YOUR OBJECTIVE =
Taking the line with "msp = doc.modelspace()" as the first and the last line of the entries as the final one, copy that span exactly.

Records from a data collection
◆ ◆ ◆
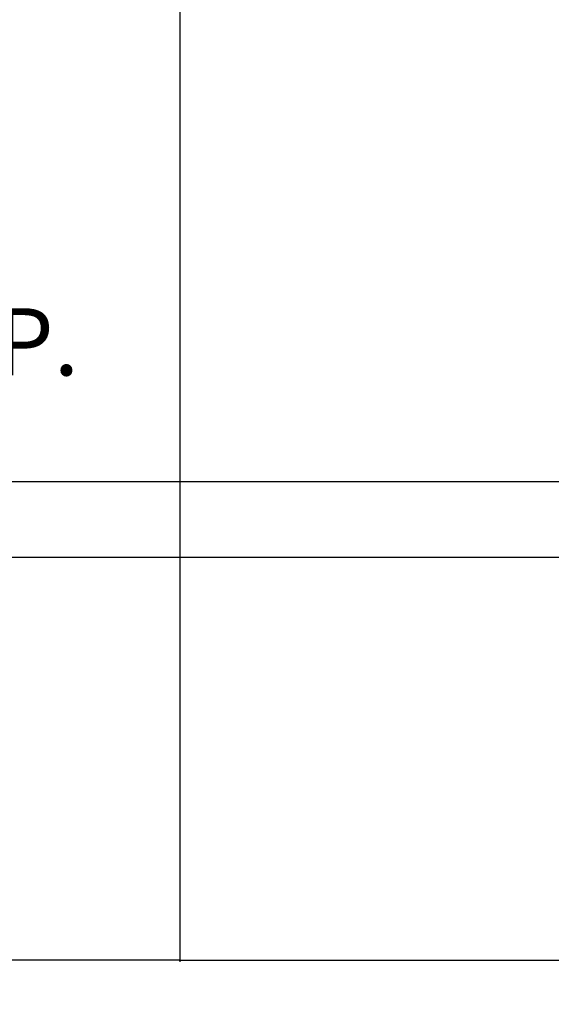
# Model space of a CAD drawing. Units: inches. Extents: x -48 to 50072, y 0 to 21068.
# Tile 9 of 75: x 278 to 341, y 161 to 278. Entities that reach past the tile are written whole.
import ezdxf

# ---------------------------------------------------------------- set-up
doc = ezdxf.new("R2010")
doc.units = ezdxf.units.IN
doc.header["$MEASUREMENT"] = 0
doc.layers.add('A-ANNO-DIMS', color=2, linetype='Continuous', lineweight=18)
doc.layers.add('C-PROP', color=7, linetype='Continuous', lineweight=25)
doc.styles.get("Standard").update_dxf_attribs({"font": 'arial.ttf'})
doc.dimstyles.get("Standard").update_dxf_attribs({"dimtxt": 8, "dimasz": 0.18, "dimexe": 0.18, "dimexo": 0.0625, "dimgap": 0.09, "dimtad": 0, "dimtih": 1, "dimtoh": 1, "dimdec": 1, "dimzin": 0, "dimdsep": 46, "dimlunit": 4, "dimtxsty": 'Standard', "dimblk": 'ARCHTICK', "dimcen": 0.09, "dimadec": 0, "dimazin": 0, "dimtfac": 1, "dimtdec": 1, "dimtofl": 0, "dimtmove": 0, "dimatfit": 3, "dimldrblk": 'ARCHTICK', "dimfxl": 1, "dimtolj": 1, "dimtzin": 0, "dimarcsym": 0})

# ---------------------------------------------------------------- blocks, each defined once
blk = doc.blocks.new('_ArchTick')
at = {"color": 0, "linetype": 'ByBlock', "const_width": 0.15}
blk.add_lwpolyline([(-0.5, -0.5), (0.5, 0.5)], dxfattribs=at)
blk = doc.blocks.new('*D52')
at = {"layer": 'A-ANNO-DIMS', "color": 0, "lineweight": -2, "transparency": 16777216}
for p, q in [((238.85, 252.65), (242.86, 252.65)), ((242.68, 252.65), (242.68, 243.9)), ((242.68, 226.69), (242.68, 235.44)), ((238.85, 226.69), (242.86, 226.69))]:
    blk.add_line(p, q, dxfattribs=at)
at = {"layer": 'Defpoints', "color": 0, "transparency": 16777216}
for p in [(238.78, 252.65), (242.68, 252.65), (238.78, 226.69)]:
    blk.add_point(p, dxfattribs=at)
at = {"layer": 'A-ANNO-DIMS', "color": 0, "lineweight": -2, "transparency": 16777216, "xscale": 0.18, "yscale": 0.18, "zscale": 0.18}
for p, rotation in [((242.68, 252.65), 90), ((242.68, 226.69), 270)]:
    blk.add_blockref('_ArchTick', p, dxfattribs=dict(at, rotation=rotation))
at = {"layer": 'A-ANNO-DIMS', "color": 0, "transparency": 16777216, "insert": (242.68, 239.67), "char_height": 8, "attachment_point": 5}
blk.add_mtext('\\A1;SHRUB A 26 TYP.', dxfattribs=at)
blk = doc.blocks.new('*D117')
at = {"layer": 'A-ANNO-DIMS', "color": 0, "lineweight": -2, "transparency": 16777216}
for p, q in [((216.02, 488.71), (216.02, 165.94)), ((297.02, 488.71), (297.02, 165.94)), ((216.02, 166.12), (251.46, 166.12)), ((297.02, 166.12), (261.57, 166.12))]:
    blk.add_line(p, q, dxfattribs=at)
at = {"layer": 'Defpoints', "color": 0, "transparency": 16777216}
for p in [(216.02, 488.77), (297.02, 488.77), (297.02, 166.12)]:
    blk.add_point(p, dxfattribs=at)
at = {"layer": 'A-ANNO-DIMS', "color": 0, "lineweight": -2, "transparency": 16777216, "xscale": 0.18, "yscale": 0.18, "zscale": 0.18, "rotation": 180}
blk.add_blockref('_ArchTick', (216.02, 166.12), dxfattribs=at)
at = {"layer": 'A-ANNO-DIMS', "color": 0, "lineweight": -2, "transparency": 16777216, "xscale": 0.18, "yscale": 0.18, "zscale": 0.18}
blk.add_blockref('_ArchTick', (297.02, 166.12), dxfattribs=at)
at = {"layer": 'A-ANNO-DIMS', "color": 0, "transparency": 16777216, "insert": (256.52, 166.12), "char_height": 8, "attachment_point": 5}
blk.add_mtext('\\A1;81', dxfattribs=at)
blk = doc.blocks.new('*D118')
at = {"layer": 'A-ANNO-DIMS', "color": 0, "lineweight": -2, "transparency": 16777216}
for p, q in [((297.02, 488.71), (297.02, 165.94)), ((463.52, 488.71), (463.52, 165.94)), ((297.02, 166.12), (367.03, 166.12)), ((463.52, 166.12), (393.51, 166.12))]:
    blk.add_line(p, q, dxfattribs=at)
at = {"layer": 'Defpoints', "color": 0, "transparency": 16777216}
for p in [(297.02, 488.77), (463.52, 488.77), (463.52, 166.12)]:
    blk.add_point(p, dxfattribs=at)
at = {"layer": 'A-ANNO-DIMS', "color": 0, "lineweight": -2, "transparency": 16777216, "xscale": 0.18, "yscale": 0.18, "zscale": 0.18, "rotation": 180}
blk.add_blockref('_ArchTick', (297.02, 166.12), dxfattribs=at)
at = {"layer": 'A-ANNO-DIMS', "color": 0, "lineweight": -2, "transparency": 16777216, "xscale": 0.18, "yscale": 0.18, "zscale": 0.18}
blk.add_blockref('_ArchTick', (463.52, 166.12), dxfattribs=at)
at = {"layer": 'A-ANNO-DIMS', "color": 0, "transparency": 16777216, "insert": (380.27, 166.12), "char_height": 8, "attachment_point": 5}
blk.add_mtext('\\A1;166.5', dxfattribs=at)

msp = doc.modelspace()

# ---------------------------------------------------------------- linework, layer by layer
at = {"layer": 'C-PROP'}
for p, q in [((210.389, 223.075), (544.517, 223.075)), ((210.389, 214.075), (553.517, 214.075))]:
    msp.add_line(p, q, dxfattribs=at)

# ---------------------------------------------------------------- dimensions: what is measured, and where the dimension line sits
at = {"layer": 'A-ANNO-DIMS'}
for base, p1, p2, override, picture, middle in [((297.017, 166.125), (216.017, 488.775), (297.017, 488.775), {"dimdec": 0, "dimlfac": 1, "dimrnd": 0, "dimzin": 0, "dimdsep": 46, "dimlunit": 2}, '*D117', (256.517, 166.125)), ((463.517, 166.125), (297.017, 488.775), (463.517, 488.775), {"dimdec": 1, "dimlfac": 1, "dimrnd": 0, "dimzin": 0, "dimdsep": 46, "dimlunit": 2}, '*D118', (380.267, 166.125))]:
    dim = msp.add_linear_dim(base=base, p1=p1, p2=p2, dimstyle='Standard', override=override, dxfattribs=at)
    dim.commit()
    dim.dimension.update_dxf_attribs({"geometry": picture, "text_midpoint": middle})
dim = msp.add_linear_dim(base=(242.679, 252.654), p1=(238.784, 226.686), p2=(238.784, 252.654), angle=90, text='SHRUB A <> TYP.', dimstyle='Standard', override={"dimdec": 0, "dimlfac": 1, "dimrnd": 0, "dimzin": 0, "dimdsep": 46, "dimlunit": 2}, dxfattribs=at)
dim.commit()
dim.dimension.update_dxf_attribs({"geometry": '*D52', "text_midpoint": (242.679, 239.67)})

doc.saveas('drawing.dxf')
◆ ◆ ◆
RESPONSE AREA =
msp = doc.modelspace()

# ---------------------------------------------------------------- linework, layer by layer
at = {"layer": 'C-PROP'}
for p, q in [((210.389, 223.075), (544.517, 223.075)), ((210.389, 214.075), (553.517, 214.075))]:
    msp.add_line(p, q, dxfattribs=at)

# ---------------------------------------------------------------- dimensions: what is measured, and where the dimension line sits
at = {"layer": 'A-ANNO-DIMS'}
for base, p1, p2, override, picture, middle in [((297.017, 166.125), (216.017, 488.775), (297.017, 488.775), {"dimdec": 0, "dimlfac": 1, "dimrnd": 0, "dimzin": 0, "dimdsep": 46, "dimlunit": 2}, '*D117', (256.517, 166.125)), ((463.517, 166.125), (297.017, 488.775), (463.517, 488.775), {"dimdec": 1, "dimlfac": 1, "dimrnd": 0, "dimzin": 0, "dimdsep": 46, "dimlunit": 2}, '*D118', (380.267, 166.125))]:
    dim = msp.add_linear_dim(base=base, p1=p1, p2=p2, dimstyle='Standard', override=override, dxfattribs=at)
    dim.commit()
    dim.dimension.update_dxf_attribs({"geometry": picture, "text_midpoint": middle})
dim = msp.add_linear_dim(base=(242.679, 252.654), p1=(238.784, 226.686), p2=(238.784, 252.654), angle=90, text='SHRUB A <> TYP.', dimstyle='Standard', override={"dimdec": 0, "dimlfac": 1, "dimrnd": 0, "dimzin": 0, "dimdsep": 46, "dimlunit": 2}, dxfattribs=at)
dim.commit()
dim.dimension.update_dxf_attribs({"geometry": '*D52', "text_midpoint": (242.679, 239.67)})

doc.saveas('drawing.dxf')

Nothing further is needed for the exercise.